= Beginning of Section =

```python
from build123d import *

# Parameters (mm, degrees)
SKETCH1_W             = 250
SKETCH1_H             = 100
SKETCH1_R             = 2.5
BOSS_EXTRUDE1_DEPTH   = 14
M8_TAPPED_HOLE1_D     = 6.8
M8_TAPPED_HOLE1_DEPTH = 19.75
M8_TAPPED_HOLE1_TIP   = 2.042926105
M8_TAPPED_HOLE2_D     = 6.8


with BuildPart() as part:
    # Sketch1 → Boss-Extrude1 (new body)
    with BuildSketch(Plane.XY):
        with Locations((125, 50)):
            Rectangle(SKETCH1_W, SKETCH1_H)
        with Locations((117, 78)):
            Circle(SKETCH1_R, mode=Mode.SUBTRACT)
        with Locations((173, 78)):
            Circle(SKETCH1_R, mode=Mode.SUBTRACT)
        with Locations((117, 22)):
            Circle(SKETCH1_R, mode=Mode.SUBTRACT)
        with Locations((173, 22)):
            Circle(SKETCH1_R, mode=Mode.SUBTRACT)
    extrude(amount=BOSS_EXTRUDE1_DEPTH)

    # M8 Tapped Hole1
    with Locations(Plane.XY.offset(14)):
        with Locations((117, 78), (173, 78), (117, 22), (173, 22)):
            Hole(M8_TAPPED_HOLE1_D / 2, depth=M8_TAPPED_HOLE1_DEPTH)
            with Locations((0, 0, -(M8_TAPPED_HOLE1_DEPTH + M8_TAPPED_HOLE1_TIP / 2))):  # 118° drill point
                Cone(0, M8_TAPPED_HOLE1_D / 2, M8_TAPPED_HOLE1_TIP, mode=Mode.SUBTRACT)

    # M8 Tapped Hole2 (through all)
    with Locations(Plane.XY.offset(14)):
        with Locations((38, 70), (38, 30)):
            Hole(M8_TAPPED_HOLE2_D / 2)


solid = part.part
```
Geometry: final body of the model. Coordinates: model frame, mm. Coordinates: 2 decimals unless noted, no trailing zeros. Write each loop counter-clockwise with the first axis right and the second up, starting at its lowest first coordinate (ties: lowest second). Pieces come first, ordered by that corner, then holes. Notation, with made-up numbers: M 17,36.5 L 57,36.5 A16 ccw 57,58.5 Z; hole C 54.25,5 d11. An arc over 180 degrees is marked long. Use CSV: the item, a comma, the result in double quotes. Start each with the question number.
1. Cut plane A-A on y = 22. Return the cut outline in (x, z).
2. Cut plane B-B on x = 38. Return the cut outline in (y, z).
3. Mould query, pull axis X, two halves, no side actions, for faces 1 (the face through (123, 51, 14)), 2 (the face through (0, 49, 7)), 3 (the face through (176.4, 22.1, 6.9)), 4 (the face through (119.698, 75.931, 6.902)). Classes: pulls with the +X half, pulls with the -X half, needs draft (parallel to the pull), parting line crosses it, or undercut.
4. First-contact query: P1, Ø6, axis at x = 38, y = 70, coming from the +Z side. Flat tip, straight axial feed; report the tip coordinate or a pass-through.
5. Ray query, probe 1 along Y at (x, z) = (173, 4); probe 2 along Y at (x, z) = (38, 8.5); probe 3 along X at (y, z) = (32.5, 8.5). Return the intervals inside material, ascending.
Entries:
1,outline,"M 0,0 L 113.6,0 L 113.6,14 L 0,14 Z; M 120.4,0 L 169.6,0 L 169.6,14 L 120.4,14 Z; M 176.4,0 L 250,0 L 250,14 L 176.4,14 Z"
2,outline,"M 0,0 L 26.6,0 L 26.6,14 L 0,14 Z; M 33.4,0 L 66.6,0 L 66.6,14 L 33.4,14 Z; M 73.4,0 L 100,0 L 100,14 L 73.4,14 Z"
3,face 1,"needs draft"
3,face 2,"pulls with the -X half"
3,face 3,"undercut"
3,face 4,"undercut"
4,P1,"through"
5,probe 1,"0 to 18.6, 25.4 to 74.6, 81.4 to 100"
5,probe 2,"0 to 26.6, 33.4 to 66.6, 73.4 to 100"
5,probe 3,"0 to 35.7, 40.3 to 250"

= End of Section =

▶ Task: Please give back only the lines starting with the one that contains "4. First-contact query: P1, Ø6, axis" and ending with the last line of the listing, retyped exactly.

▶ Worked solution:
4. First-contact query: P1, Ø6, axis at x = 38, y = 70, coming from the +Z side. Flat tip, straight axial feed; report the tip coordinate or a pass-through.
5. Ray query, probe 1 along Y at (x, z) = (173, 4); probe 2 along Y at (x, z) = (38, 8.5); probe 3 along X at (y, z) = (32.5, 8.5). Return the intervals inside material, ascending.
Entries:
1,outline,"M 0,0 L 113.6,0 L 113.6,14 L 0,14 Z; M 120.4,0 L 169.6,0 L 169.6,14 L 120.4,14 Z; M 176.4,0 L 250,0 L 250,14 L 176.4,14 Z"
2,outline,"M 0,0 L 26.6,0 L 26.6,14 L 0,14 Z; M 33.4,0 L 66.6,0 L 66.6,14 L 33.4,14 Z; M 73.4,0 L 100,0 L 100,14 L 73.4,14 Z"
3,face 1,"needs draft"
3,face 2,"pulls with the -X half"
3,face 3,"undercut"
3,face 4,"undercut"
4,P1,"through"
5,probe 1,"0 to 18.6, 25.4 to 74.6, 81.4 to 100"
5,probe 2,"0 to 26.6, 33.4 to 66.6, 73.4 to 100"
5,probe 3,"0 to 35.7, 40.3 to 250"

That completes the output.